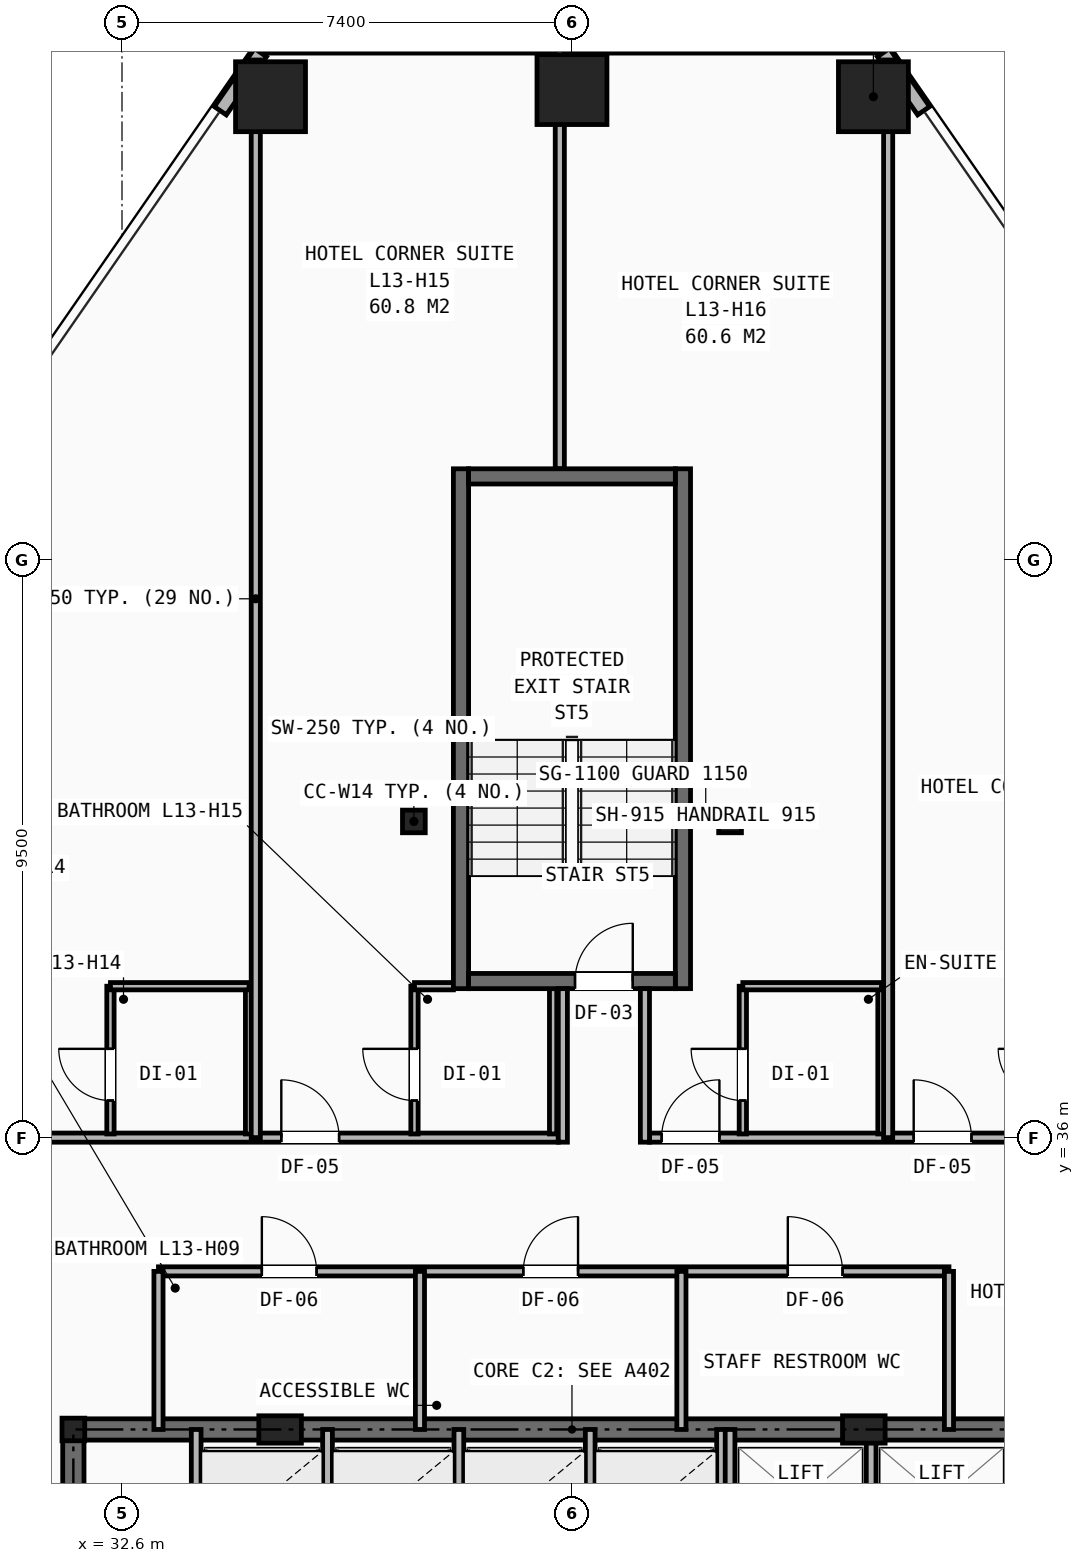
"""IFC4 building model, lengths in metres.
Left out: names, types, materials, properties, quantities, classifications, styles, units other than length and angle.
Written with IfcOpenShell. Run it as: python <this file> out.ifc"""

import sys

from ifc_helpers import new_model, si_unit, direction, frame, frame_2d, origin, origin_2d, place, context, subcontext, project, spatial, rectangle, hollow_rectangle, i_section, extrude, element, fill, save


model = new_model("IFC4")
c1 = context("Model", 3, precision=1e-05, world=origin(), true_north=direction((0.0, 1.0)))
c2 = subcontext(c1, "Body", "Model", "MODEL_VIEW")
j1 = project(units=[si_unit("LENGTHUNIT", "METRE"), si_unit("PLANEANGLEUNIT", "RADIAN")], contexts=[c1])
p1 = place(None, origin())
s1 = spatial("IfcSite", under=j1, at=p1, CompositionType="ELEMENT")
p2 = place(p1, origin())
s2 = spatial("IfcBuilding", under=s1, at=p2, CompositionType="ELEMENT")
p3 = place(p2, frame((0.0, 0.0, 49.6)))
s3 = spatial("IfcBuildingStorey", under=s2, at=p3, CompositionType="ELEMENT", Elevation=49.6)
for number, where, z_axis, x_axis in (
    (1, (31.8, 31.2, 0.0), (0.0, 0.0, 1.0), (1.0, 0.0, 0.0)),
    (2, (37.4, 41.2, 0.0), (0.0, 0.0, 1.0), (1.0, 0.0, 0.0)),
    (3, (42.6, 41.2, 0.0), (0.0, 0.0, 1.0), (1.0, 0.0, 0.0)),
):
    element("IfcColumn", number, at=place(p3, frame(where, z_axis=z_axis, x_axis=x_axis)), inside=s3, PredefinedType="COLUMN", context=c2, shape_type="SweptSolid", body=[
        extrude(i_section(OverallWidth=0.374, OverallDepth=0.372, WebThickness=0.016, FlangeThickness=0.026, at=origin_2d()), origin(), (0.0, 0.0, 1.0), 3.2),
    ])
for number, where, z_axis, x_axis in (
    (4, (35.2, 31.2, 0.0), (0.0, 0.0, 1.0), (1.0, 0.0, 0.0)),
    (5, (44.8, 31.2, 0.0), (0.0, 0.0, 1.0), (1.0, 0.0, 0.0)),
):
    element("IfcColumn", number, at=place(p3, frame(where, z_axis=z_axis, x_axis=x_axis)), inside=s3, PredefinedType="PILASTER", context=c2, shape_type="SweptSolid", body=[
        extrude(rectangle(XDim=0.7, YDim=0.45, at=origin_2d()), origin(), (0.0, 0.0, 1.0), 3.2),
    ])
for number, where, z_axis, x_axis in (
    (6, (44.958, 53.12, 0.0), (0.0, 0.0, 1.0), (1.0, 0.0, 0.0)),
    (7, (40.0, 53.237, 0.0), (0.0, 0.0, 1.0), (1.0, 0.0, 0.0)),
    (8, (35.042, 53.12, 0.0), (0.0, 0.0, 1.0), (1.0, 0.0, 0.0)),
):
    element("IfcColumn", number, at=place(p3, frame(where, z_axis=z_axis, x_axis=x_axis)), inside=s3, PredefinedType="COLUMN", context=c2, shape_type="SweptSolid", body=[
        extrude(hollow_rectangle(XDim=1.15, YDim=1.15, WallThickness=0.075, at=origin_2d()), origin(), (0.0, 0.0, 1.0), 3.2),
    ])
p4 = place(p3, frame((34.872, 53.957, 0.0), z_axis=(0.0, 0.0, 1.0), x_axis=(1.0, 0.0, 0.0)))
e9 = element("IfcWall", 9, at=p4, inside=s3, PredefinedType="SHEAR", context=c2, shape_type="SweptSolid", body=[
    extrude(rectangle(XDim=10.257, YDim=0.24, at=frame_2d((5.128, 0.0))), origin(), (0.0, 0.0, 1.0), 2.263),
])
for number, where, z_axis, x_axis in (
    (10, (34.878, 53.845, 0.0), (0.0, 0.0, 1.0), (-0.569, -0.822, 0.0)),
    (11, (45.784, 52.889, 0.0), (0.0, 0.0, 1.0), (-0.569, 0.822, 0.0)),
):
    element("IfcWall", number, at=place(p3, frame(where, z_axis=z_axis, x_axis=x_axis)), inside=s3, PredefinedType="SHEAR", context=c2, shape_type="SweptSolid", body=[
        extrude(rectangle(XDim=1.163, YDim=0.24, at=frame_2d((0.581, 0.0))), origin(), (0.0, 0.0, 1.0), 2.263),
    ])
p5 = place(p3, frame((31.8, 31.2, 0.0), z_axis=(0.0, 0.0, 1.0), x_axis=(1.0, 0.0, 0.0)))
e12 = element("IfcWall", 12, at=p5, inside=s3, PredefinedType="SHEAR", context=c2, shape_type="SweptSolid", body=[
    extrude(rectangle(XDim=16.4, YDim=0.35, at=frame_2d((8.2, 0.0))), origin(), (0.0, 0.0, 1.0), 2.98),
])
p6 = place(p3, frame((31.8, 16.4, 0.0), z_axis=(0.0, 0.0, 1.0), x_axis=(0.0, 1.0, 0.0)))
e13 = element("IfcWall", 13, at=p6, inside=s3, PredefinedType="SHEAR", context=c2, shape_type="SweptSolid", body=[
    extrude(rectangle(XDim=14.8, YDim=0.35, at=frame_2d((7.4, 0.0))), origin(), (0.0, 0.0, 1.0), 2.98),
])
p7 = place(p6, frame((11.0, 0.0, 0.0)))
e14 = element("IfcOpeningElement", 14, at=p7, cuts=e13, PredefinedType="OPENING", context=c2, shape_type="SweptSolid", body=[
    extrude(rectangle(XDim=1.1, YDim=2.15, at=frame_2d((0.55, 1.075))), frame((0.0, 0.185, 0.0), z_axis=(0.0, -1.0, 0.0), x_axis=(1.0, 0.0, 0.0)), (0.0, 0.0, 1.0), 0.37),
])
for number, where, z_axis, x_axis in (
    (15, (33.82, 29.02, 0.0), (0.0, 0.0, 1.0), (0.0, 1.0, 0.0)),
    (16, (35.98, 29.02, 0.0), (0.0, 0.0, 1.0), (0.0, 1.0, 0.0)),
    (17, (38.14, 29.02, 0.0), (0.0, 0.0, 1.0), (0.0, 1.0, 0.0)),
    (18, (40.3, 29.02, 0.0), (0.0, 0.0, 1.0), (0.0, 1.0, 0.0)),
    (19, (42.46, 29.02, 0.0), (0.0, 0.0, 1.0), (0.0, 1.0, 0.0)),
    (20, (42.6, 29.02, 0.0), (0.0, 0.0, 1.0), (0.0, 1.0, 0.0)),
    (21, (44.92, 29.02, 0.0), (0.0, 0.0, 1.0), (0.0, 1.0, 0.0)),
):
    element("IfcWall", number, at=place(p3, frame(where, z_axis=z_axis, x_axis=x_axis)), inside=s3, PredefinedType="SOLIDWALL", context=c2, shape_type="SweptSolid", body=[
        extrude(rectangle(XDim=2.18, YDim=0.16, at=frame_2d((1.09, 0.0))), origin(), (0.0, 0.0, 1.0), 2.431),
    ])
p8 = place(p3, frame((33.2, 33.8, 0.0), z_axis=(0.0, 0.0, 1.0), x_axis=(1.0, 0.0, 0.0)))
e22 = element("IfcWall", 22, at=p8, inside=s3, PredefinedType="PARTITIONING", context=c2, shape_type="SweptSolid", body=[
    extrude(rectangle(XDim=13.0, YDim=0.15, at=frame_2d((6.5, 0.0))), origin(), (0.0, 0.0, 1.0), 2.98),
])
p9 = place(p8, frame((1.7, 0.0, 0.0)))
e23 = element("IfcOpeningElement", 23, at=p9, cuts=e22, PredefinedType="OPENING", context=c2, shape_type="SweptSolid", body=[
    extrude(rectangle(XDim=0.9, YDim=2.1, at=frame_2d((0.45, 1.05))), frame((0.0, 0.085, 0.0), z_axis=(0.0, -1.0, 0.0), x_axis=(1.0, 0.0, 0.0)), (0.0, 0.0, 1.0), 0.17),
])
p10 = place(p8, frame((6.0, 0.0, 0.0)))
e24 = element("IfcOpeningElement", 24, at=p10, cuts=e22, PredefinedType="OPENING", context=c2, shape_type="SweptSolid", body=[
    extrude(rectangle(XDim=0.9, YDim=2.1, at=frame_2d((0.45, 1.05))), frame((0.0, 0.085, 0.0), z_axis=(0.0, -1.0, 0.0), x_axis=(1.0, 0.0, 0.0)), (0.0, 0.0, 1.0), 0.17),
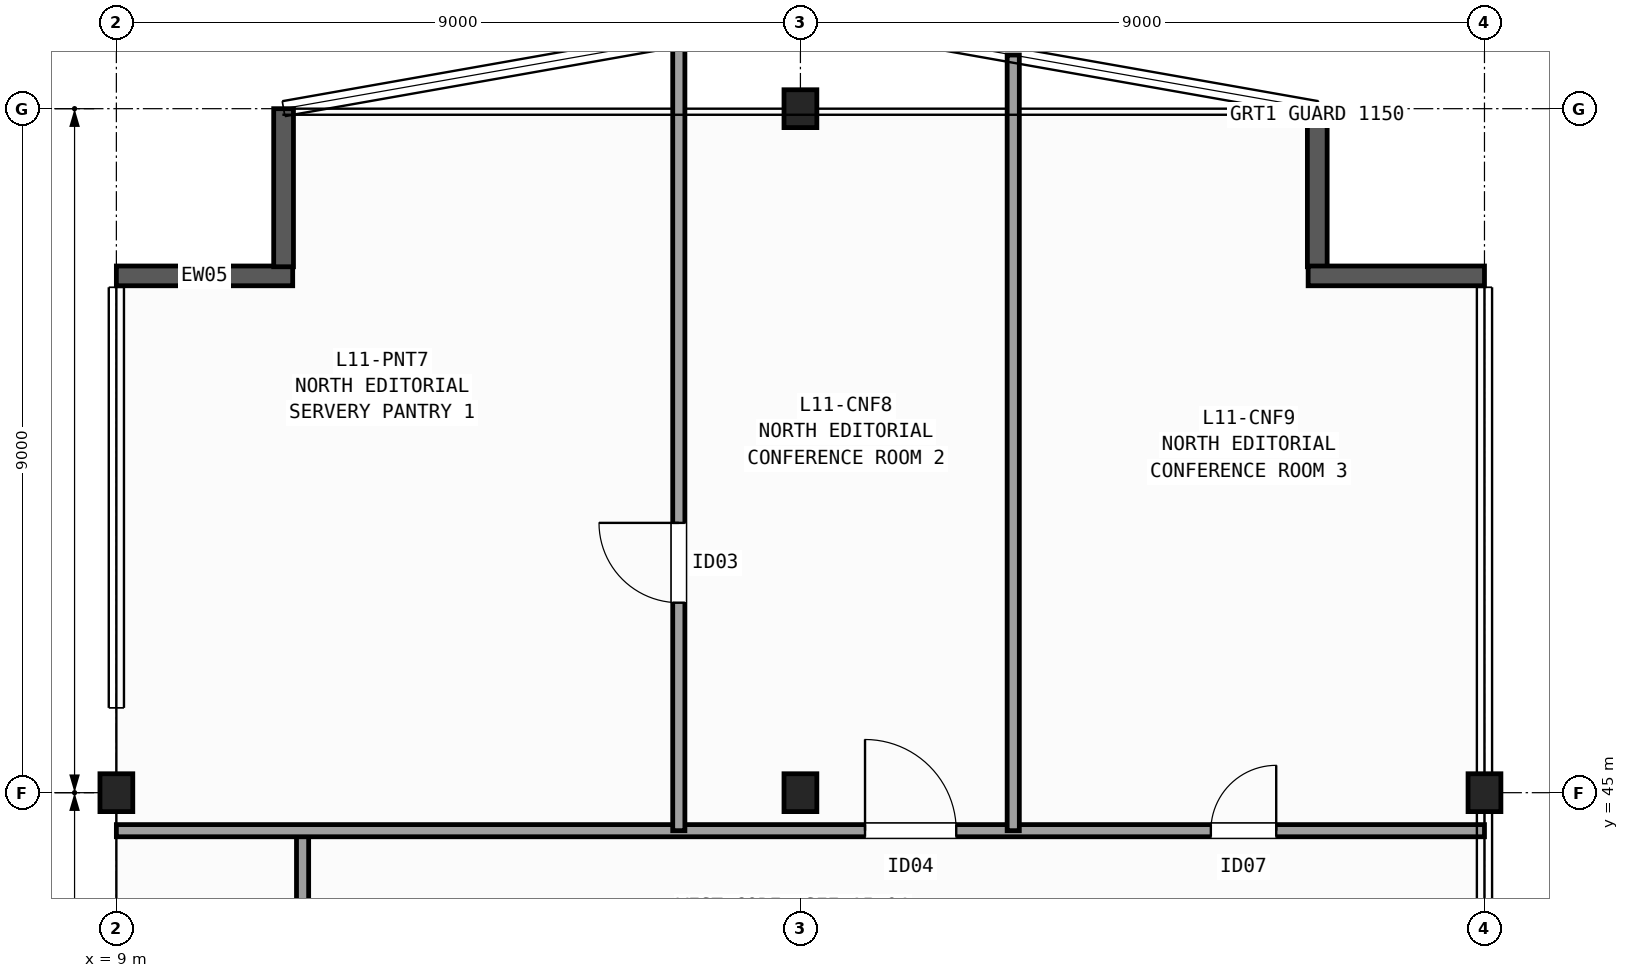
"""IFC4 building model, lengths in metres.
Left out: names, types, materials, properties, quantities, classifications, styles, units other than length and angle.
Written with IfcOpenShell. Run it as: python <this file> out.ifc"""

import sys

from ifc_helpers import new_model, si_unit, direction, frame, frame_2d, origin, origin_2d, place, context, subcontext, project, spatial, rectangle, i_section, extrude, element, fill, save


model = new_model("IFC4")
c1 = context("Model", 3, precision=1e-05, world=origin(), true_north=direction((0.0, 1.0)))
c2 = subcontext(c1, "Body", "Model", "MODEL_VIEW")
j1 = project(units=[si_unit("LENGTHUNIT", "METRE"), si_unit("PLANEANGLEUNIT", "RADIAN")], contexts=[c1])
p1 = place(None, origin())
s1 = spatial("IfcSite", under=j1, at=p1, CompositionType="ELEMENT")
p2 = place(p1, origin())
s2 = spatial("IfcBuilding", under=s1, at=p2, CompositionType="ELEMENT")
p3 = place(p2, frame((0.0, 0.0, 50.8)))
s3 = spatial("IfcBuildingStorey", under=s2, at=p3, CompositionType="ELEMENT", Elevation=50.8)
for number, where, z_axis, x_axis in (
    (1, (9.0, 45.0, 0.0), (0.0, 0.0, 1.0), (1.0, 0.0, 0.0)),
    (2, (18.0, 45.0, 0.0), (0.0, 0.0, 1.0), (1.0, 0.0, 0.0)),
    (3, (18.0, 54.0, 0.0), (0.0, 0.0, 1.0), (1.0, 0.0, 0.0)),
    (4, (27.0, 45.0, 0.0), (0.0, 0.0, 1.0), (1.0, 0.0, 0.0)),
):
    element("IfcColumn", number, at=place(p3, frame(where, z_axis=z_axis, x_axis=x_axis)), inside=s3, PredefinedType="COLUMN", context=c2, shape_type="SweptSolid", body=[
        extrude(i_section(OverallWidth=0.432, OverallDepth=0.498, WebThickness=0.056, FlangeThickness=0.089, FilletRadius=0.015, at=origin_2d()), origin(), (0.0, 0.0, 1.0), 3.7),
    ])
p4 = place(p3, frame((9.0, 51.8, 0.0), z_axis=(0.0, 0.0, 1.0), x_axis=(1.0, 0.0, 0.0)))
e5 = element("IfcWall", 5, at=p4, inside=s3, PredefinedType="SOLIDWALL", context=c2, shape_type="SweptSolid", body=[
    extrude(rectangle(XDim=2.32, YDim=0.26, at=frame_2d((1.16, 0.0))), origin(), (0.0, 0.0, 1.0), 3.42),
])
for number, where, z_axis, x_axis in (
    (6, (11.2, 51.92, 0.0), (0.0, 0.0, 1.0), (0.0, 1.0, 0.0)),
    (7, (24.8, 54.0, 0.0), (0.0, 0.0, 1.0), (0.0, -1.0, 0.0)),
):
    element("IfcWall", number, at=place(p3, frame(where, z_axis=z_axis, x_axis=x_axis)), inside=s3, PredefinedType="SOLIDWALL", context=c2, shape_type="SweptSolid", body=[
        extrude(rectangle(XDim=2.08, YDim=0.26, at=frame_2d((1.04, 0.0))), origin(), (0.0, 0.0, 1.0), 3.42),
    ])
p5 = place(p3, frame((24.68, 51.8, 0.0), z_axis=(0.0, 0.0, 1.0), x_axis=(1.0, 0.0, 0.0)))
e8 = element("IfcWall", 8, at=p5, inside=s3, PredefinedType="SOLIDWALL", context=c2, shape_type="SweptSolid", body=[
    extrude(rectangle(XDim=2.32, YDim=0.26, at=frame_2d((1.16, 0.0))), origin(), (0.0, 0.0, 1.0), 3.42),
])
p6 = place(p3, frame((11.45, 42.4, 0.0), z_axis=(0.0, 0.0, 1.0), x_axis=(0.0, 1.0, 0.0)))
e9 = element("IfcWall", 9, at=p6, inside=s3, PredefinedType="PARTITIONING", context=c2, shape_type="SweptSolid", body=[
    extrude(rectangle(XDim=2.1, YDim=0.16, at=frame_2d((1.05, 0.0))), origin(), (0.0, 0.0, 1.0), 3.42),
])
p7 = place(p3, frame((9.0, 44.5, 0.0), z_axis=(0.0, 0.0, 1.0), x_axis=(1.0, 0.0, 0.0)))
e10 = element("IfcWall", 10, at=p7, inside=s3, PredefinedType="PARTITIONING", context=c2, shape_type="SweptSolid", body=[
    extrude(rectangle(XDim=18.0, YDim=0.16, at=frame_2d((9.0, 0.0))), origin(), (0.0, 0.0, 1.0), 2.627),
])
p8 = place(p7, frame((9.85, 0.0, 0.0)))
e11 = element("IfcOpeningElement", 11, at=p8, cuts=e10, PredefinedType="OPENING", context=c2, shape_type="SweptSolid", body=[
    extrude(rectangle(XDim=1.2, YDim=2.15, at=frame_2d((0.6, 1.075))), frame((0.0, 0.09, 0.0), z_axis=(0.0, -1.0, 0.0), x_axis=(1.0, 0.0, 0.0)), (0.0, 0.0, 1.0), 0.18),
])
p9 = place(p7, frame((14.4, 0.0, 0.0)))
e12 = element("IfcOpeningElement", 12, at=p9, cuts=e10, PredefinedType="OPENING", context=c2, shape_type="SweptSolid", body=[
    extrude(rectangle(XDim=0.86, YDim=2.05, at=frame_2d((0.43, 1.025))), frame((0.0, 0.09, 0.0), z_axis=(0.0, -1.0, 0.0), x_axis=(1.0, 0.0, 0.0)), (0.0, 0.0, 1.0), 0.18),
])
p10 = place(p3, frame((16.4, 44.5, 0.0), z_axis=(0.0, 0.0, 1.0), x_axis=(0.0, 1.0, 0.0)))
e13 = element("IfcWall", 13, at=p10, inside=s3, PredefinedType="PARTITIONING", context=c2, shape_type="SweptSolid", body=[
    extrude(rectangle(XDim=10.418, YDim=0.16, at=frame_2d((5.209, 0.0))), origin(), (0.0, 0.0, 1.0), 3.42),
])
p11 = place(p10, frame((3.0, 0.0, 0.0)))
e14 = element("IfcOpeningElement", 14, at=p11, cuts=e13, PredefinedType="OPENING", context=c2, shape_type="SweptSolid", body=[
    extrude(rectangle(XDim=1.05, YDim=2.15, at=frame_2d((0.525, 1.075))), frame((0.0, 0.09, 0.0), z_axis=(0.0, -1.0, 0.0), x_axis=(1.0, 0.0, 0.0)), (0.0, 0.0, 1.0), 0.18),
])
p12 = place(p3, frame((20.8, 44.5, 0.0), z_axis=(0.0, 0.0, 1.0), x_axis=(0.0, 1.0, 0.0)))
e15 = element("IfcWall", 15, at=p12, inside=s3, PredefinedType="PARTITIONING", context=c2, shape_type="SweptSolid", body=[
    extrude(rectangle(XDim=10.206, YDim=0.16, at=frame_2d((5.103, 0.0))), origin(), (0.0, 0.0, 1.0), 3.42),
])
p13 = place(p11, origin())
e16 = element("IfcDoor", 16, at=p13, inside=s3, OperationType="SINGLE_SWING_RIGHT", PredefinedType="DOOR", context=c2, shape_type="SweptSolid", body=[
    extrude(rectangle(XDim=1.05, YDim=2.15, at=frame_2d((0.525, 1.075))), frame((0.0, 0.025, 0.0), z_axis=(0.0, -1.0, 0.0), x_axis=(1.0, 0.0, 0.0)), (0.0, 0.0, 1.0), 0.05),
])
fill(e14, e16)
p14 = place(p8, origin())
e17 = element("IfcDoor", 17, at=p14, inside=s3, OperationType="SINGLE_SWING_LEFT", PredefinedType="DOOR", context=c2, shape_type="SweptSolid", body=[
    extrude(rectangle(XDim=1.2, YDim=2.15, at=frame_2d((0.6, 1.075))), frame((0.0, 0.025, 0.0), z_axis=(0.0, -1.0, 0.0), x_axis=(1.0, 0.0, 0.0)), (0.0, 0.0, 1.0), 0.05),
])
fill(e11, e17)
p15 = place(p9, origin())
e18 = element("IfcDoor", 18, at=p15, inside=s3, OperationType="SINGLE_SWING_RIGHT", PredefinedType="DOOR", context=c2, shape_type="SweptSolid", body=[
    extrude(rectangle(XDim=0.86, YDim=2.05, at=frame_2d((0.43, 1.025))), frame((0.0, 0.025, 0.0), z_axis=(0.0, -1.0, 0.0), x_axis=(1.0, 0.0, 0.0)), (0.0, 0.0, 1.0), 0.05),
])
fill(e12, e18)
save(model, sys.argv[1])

:: About this exercise ::
The answer must consist of every line from the entries above that contains the string "direction".

:: The answer ::
from ifc_helpers import new_model, si_unit, direction, frame, frame_2d, origin, origin_2d, place, context, subcontext, project, spatial, rectangle, hollow_rectangle, i_section, extrude, element, fill, save
c1 = context("Model", 3, precision=1e-05, world=origin(), true_north=direction((0.0, 1.0)))
from ifc_helpers import new_model, si_unit, direction, frame, frame_2d, origin, origin_2d, place, context, subcontext, project, spatial, rectangle, i_section, extrude, element, fill, save
c1 = context("Model", 3, precision=1e-05, world=origin(), true_north=direction((0.0, 1.0)))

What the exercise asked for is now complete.